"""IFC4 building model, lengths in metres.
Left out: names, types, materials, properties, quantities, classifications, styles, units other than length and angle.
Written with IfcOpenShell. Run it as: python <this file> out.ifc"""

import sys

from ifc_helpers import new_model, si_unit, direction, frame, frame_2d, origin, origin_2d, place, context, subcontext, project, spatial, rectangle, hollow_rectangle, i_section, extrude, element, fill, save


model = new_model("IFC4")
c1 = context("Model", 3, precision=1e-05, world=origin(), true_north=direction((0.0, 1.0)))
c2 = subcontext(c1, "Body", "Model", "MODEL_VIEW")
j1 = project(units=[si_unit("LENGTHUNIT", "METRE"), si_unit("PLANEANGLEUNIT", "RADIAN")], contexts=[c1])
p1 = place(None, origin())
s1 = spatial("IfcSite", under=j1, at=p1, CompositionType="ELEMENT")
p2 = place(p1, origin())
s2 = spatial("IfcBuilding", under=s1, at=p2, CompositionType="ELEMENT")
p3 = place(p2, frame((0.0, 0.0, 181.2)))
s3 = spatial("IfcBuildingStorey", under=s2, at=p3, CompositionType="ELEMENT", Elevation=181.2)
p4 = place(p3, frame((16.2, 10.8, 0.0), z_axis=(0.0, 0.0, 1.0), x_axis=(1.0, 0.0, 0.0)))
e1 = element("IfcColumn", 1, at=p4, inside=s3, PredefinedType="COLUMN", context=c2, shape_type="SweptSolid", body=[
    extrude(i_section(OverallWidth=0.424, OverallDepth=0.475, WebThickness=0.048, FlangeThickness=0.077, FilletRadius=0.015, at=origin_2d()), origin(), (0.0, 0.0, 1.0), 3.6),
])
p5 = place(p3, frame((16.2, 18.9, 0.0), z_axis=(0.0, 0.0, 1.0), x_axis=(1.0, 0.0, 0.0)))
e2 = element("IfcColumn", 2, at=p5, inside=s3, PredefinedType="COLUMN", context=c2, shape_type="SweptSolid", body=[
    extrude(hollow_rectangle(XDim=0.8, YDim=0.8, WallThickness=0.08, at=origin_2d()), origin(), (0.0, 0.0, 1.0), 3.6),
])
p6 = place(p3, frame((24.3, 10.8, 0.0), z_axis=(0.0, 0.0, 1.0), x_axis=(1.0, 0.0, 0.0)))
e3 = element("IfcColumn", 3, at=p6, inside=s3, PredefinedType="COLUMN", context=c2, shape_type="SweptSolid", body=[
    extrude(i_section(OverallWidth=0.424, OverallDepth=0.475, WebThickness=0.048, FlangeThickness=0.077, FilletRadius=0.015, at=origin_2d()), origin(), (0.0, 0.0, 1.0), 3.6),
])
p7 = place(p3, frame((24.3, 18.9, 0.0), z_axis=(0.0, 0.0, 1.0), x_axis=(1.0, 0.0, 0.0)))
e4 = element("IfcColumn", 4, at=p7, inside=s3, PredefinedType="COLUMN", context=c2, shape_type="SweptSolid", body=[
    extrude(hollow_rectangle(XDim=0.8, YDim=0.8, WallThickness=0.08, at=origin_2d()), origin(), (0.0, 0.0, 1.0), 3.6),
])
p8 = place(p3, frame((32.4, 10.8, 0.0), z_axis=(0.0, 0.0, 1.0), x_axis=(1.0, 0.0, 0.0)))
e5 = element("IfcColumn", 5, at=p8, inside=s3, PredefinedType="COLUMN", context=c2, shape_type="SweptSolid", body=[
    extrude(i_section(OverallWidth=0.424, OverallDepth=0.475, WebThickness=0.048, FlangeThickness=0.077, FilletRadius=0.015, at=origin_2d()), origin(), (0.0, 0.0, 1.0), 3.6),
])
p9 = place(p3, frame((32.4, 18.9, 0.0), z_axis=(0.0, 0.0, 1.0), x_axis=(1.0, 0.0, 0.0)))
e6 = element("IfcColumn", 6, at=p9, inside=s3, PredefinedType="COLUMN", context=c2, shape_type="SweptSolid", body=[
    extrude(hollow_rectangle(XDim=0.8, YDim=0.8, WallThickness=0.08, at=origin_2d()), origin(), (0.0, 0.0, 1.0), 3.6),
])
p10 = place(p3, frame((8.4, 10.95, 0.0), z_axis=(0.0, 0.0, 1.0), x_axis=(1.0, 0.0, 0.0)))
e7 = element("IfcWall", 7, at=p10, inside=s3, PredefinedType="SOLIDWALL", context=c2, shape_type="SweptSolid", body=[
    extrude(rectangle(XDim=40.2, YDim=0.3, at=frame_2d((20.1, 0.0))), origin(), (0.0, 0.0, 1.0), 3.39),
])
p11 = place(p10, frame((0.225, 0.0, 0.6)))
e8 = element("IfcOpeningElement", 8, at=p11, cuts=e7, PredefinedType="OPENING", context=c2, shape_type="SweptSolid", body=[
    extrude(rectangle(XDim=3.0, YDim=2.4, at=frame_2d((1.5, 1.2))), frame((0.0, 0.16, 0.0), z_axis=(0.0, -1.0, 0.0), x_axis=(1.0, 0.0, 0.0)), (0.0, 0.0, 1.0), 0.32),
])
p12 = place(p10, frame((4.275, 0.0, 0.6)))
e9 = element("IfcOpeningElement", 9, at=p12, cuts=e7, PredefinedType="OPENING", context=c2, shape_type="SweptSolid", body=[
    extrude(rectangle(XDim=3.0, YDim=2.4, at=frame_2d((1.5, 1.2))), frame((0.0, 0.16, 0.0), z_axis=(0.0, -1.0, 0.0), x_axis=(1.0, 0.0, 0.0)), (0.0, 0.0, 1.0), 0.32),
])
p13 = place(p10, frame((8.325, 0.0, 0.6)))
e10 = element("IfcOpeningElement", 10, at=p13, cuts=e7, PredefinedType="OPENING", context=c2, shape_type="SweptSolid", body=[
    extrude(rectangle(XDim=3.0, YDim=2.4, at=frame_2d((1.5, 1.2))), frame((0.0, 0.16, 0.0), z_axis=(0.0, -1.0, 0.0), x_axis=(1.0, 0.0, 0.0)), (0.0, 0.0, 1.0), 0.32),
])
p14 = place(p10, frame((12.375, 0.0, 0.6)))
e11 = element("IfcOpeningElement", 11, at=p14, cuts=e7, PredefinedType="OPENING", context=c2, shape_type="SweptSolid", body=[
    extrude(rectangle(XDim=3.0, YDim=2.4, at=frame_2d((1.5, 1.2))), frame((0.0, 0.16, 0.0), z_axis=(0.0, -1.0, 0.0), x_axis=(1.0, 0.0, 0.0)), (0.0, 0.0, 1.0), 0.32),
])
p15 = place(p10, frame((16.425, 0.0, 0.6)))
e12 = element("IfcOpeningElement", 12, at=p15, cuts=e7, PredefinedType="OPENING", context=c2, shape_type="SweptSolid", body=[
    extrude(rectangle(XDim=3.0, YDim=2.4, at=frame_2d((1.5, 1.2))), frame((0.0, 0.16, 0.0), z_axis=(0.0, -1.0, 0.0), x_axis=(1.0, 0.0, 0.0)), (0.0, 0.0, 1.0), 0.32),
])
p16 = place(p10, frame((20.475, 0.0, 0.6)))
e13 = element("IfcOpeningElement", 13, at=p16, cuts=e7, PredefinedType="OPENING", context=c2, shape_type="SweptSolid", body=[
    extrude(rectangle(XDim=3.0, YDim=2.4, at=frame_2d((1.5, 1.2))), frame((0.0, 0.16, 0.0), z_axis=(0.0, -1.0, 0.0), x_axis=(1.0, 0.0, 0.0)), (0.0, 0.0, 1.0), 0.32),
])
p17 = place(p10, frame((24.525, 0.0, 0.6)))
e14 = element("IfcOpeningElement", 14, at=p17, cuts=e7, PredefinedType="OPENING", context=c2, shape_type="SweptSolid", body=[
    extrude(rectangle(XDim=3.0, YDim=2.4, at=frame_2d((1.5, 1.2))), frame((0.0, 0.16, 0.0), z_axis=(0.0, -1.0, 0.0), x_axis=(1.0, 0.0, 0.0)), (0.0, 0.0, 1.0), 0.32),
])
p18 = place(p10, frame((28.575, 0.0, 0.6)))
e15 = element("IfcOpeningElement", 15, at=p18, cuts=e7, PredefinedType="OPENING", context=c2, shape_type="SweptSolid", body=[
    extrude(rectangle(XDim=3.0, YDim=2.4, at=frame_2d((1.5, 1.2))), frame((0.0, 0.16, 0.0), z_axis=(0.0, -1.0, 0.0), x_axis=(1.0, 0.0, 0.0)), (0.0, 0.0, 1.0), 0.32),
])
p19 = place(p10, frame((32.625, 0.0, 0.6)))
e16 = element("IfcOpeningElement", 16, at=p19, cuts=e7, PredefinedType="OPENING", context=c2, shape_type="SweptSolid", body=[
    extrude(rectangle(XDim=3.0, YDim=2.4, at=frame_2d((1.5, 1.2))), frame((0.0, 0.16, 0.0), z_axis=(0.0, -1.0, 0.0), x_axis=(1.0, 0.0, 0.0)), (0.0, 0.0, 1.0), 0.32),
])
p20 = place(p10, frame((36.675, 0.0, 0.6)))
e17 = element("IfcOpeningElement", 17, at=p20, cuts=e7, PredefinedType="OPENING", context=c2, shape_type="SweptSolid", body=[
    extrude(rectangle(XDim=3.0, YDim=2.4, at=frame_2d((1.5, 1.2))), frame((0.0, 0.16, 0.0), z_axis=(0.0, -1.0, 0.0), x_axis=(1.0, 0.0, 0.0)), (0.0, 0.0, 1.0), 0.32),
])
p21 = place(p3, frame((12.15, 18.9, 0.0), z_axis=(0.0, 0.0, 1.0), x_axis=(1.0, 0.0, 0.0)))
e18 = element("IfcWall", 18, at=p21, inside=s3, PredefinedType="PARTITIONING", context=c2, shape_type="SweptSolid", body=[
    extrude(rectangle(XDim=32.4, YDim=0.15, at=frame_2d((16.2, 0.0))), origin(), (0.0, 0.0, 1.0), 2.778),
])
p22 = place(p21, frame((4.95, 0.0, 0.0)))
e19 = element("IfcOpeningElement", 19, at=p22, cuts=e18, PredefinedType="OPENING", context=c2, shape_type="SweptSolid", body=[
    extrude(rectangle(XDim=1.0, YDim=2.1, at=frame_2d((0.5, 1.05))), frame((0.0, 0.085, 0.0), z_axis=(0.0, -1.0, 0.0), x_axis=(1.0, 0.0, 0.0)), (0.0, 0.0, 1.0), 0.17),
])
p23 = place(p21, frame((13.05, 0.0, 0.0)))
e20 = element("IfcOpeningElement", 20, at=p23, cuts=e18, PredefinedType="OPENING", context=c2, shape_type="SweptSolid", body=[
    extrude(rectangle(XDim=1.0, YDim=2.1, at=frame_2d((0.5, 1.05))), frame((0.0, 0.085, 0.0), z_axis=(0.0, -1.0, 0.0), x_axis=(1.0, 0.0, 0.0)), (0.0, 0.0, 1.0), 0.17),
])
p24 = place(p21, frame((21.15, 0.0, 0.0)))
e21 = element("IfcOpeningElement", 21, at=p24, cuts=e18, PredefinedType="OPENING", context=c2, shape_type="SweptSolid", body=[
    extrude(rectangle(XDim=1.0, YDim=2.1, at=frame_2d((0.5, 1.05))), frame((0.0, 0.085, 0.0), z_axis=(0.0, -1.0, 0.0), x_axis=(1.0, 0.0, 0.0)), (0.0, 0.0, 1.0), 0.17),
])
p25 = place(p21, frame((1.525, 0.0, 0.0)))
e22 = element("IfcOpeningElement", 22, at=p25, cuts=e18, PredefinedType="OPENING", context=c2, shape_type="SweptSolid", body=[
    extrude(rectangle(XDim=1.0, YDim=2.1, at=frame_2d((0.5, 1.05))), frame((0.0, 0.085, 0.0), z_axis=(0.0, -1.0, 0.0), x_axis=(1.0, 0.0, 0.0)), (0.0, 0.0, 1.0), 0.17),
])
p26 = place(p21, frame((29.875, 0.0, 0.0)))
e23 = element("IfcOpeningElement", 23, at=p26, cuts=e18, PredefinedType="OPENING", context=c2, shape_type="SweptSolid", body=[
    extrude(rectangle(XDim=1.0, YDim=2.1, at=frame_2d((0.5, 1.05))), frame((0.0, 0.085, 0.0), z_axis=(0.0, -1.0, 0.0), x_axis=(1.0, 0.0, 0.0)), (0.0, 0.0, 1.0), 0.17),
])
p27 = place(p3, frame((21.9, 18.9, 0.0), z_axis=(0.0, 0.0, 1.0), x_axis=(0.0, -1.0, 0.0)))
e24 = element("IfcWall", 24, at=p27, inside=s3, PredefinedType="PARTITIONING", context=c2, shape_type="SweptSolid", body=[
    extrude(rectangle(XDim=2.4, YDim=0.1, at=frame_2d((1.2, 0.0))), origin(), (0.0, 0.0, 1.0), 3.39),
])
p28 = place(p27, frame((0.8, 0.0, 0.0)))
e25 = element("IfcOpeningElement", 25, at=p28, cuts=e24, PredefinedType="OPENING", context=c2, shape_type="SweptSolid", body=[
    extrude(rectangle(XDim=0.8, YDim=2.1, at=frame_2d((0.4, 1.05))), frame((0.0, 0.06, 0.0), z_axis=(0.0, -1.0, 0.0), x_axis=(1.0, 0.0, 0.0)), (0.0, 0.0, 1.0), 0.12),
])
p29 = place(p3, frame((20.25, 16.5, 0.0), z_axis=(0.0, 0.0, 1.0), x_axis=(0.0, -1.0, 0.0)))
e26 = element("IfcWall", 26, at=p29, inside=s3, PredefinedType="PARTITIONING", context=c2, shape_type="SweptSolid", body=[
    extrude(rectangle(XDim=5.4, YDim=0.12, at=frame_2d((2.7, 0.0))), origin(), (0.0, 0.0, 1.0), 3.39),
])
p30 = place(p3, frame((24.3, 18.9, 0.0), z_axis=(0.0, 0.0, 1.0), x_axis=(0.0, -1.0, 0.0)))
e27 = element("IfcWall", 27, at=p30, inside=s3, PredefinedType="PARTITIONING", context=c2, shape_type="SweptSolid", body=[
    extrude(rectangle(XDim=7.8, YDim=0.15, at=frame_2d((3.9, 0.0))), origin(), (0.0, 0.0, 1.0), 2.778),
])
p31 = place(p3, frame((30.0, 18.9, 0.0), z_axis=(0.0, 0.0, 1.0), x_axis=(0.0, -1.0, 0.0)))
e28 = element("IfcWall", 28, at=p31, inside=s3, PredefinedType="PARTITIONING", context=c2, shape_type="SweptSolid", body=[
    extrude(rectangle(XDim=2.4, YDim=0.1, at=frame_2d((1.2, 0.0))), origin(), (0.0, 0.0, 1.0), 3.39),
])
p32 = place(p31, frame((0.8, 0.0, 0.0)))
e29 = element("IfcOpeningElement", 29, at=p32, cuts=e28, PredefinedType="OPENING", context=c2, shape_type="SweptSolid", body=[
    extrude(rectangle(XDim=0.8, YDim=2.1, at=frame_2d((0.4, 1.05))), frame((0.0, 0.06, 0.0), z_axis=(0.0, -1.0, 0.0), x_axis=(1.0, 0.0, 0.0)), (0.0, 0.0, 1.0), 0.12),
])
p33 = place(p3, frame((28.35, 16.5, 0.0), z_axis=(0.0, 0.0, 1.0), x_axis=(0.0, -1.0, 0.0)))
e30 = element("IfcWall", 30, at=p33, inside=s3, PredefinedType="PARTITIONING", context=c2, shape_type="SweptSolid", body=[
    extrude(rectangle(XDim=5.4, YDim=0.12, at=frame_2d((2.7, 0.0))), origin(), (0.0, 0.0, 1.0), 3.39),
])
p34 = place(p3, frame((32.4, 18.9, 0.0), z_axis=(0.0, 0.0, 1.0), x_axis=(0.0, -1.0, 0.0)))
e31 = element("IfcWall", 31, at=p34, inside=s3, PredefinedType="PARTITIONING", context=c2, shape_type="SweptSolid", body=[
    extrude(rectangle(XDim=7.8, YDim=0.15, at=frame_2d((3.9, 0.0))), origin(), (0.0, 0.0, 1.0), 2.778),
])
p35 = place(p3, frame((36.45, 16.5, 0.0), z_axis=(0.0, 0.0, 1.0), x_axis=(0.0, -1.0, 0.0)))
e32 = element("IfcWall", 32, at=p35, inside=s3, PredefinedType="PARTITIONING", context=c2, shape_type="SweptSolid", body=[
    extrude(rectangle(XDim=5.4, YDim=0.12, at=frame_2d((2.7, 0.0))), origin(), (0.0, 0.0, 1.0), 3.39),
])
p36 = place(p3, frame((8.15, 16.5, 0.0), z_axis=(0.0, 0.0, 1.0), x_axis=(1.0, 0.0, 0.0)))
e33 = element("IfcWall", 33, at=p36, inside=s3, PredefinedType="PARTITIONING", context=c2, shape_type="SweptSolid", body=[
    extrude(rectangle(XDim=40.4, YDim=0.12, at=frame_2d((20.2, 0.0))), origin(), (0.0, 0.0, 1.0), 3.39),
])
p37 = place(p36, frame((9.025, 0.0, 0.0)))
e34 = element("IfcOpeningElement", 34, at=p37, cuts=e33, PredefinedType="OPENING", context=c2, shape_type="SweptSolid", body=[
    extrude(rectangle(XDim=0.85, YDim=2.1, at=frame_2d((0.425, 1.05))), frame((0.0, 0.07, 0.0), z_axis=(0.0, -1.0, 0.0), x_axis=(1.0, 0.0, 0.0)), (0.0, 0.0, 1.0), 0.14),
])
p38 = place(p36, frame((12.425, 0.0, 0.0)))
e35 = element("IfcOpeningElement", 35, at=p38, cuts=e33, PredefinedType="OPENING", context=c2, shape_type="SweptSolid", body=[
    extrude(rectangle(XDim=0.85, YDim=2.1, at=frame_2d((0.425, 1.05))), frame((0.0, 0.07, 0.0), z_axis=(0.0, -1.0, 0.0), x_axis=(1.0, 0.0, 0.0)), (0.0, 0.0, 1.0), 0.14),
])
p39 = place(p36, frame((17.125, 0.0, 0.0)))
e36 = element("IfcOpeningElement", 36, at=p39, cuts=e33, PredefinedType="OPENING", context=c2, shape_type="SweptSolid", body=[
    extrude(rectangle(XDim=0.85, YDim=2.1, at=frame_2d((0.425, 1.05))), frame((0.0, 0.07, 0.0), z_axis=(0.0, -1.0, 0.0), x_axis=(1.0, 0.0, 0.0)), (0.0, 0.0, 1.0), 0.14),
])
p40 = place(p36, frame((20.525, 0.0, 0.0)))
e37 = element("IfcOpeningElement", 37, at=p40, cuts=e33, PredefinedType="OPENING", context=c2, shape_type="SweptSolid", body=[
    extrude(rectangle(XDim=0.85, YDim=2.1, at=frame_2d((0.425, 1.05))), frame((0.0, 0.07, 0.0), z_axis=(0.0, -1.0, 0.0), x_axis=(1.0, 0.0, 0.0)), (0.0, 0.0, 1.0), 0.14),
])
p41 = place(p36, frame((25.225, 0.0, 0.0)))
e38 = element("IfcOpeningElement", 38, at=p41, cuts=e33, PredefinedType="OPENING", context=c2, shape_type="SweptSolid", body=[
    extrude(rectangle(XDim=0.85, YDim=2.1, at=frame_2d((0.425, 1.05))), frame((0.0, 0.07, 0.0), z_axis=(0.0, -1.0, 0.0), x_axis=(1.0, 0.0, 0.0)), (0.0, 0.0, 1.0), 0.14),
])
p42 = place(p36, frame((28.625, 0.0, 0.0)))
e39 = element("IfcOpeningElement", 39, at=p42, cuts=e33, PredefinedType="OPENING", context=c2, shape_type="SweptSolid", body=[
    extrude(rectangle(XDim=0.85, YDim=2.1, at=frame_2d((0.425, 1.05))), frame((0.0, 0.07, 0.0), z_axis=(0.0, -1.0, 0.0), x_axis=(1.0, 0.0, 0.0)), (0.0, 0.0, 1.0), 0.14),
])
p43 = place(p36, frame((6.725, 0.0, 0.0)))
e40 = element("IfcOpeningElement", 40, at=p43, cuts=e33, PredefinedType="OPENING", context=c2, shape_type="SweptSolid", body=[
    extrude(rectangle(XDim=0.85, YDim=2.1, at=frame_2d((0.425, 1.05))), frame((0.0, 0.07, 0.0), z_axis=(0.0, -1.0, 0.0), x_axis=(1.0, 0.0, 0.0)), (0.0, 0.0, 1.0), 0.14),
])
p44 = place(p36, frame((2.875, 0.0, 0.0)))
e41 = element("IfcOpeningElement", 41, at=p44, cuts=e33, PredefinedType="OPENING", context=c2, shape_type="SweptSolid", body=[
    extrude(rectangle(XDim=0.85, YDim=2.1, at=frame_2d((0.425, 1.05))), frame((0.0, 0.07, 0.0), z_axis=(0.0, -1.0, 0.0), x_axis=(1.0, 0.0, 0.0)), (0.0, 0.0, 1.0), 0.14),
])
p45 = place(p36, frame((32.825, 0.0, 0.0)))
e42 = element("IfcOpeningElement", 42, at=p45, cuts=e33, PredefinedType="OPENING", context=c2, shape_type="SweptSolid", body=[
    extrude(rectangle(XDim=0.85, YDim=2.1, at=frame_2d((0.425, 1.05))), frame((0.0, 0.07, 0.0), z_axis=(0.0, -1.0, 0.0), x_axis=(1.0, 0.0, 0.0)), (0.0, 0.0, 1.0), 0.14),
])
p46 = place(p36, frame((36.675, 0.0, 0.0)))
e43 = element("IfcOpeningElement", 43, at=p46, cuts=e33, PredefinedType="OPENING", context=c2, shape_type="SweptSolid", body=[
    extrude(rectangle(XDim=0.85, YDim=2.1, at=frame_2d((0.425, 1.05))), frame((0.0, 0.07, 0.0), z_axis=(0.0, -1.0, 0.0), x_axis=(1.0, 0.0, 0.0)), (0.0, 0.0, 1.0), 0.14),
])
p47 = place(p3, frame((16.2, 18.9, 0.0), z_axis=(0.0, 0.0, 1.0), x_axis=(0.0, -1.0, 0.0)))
+===+
Assignment
Word search in the records above: please count the lines holding "import" and state the count alone.

Result for this task
2